> **Entries supplied**
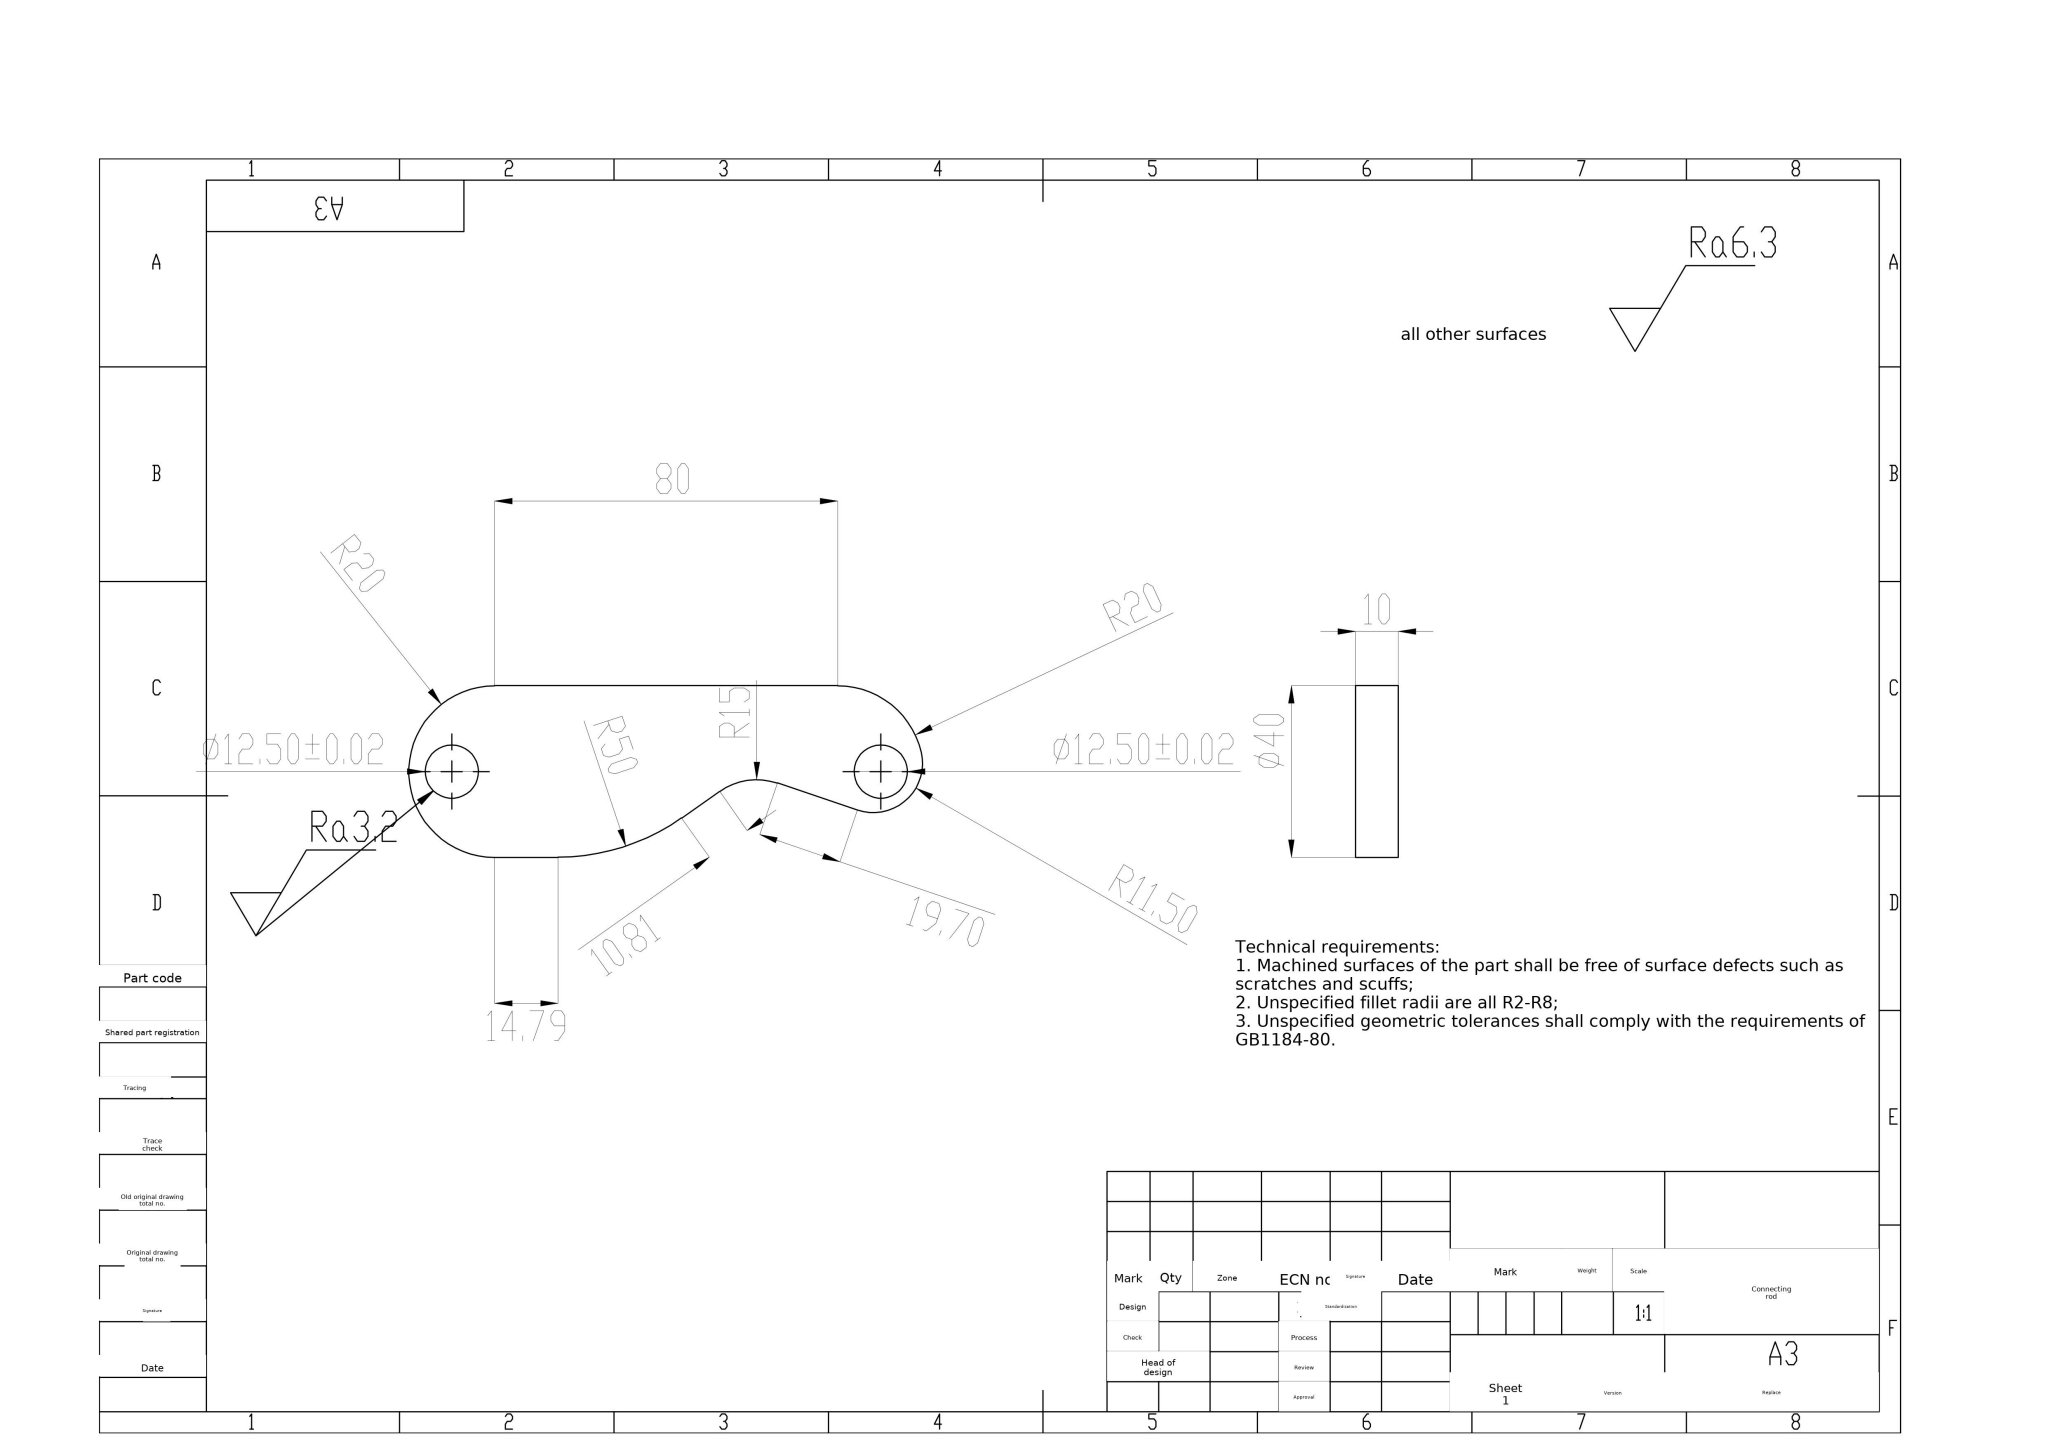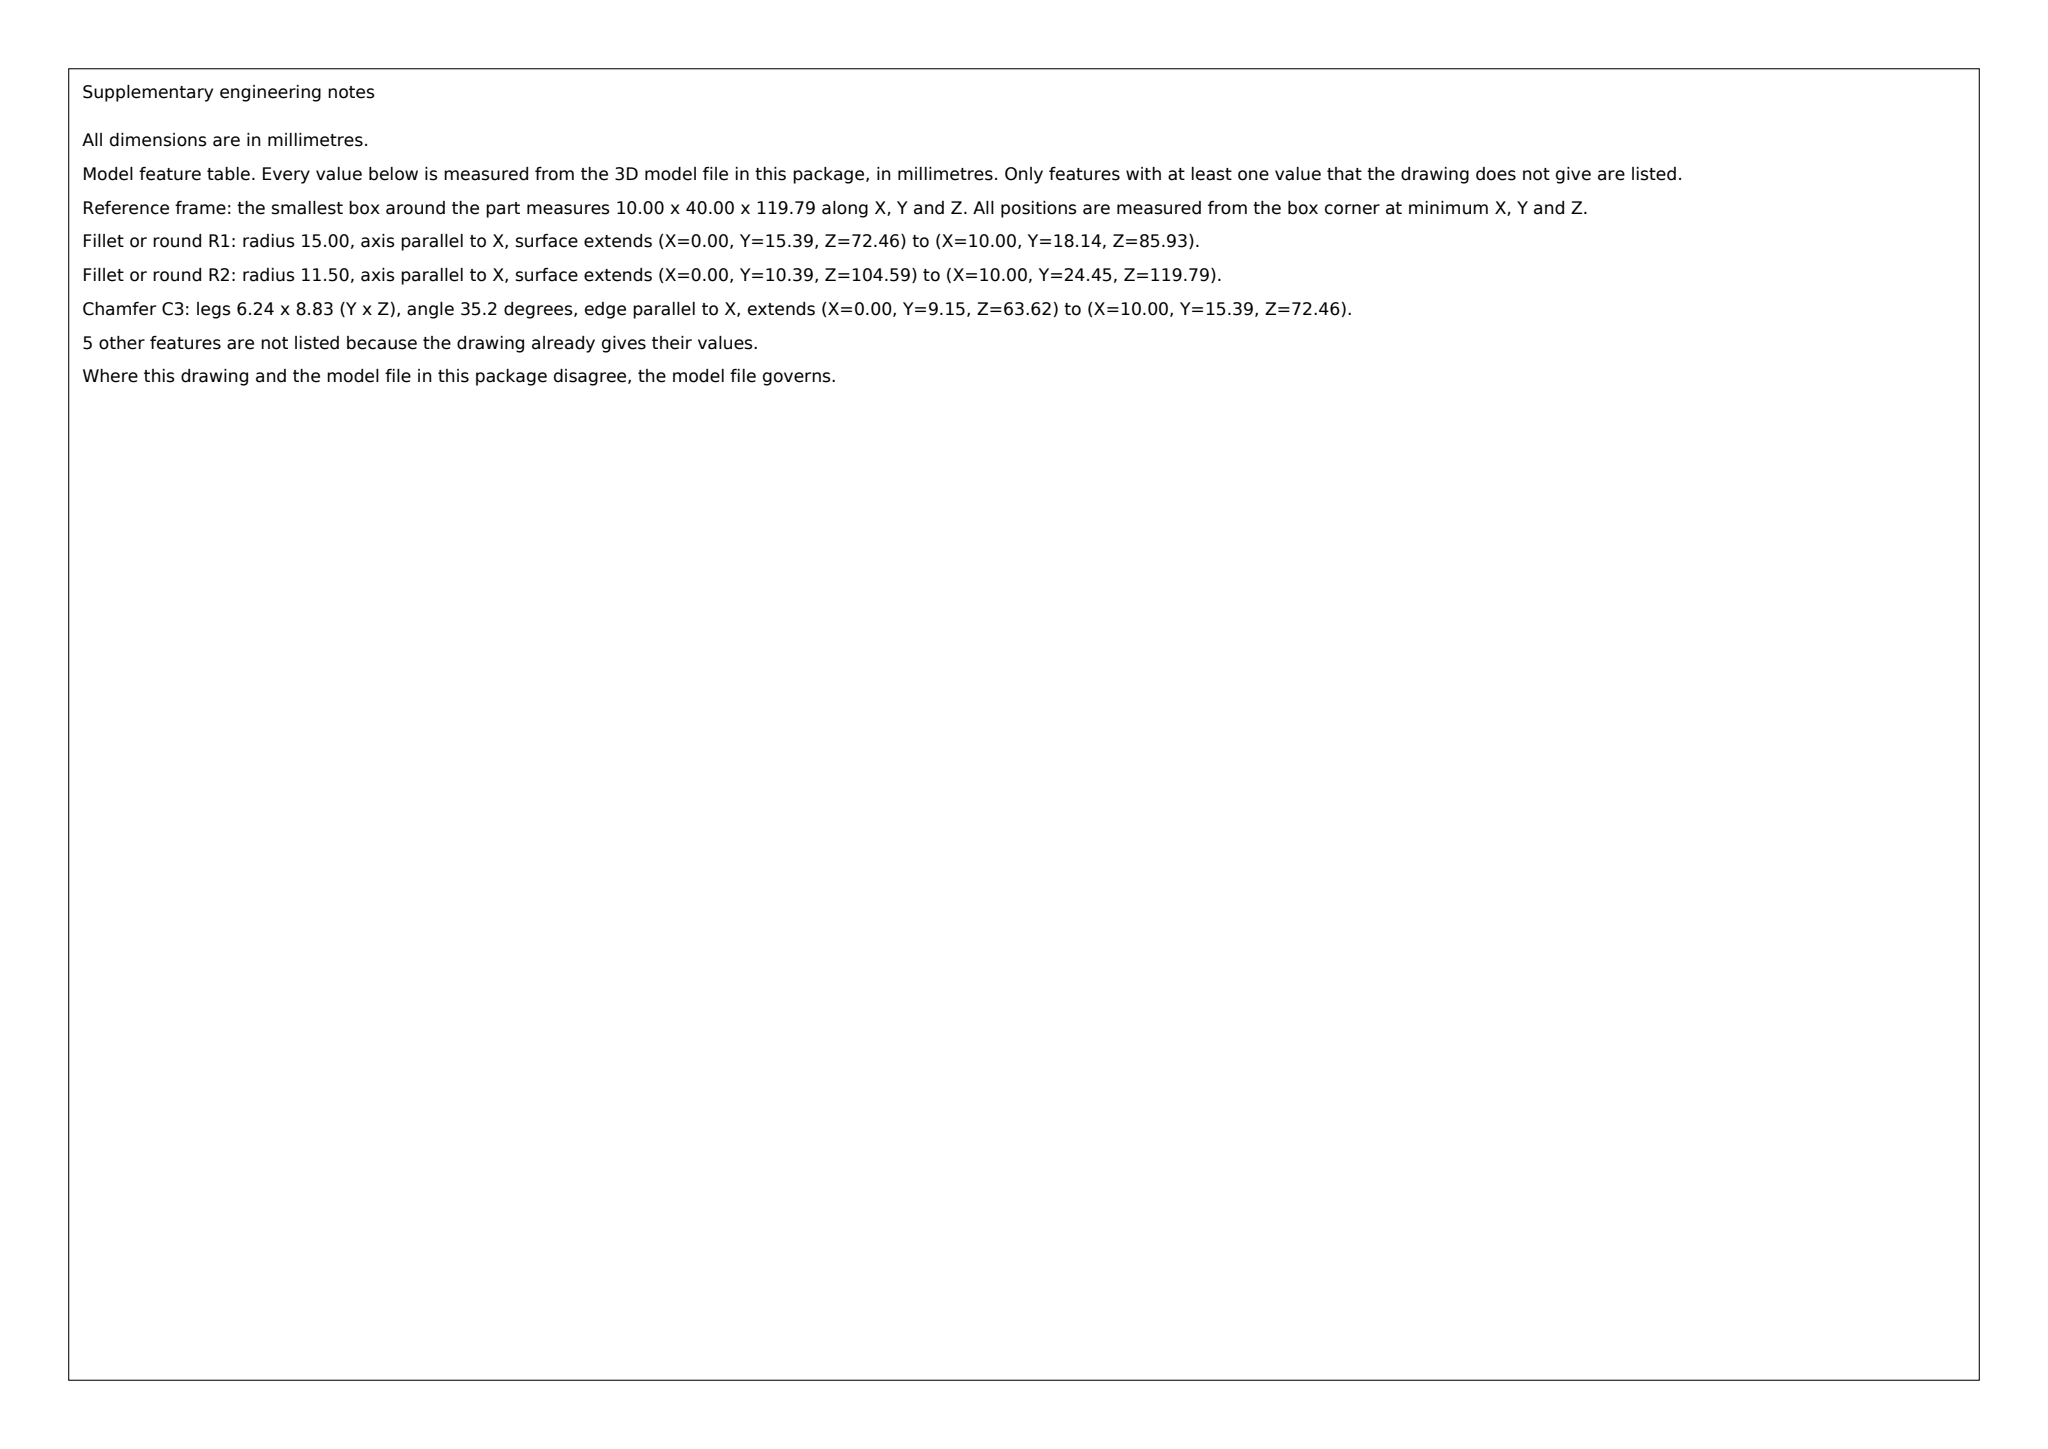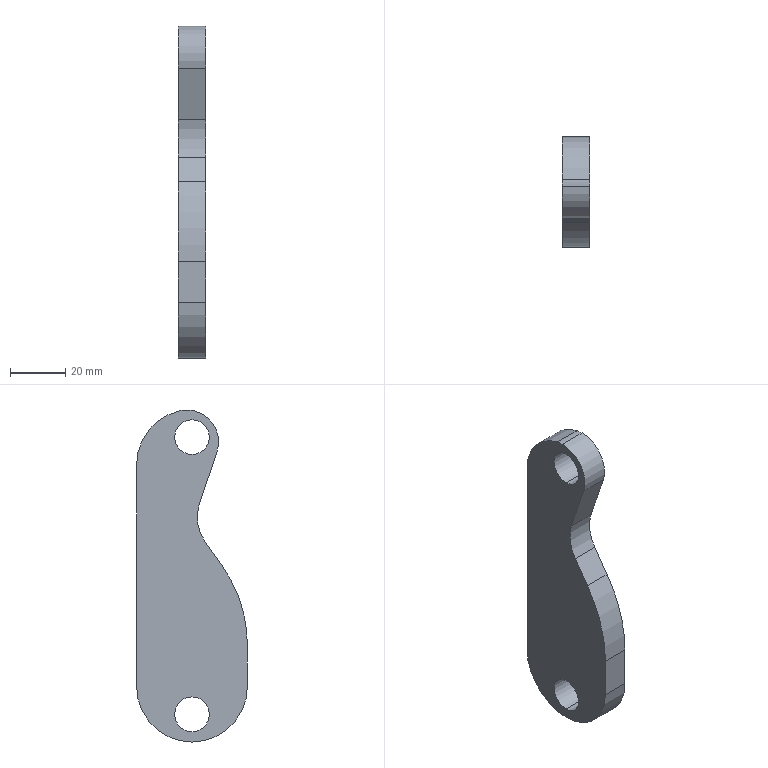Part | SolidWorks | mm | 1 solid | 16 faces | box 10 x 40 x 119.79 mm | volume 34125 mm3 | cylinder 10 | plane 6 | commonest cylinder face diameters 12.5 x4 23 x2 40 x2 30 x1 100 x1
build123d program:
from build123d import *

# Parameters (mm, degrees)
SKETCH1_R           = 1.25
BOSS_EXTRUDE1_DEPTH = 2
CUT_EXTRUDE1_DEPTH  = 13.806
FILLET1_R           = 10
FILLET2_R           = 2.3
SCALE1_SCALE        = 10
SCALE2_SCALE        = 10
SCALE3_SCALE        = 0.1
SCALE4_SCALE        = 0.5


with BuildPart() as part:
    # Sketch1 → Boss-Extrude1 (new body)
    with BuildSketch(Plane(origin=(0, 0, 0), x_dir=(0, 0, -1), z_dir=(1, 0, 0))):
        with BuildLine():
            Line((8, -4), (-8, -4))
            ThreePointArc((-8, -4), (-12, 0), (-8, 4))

> **What to do**
Please show every line of the material that contains the string "with".

> **Output for this exercise**
with BuildPart() as part:
    with BuildSketch(Plane(origin=(0, 0, 0), x_dir=(0, 0, -1), z_dir=(1, 0, 0))):
        with BuildLine():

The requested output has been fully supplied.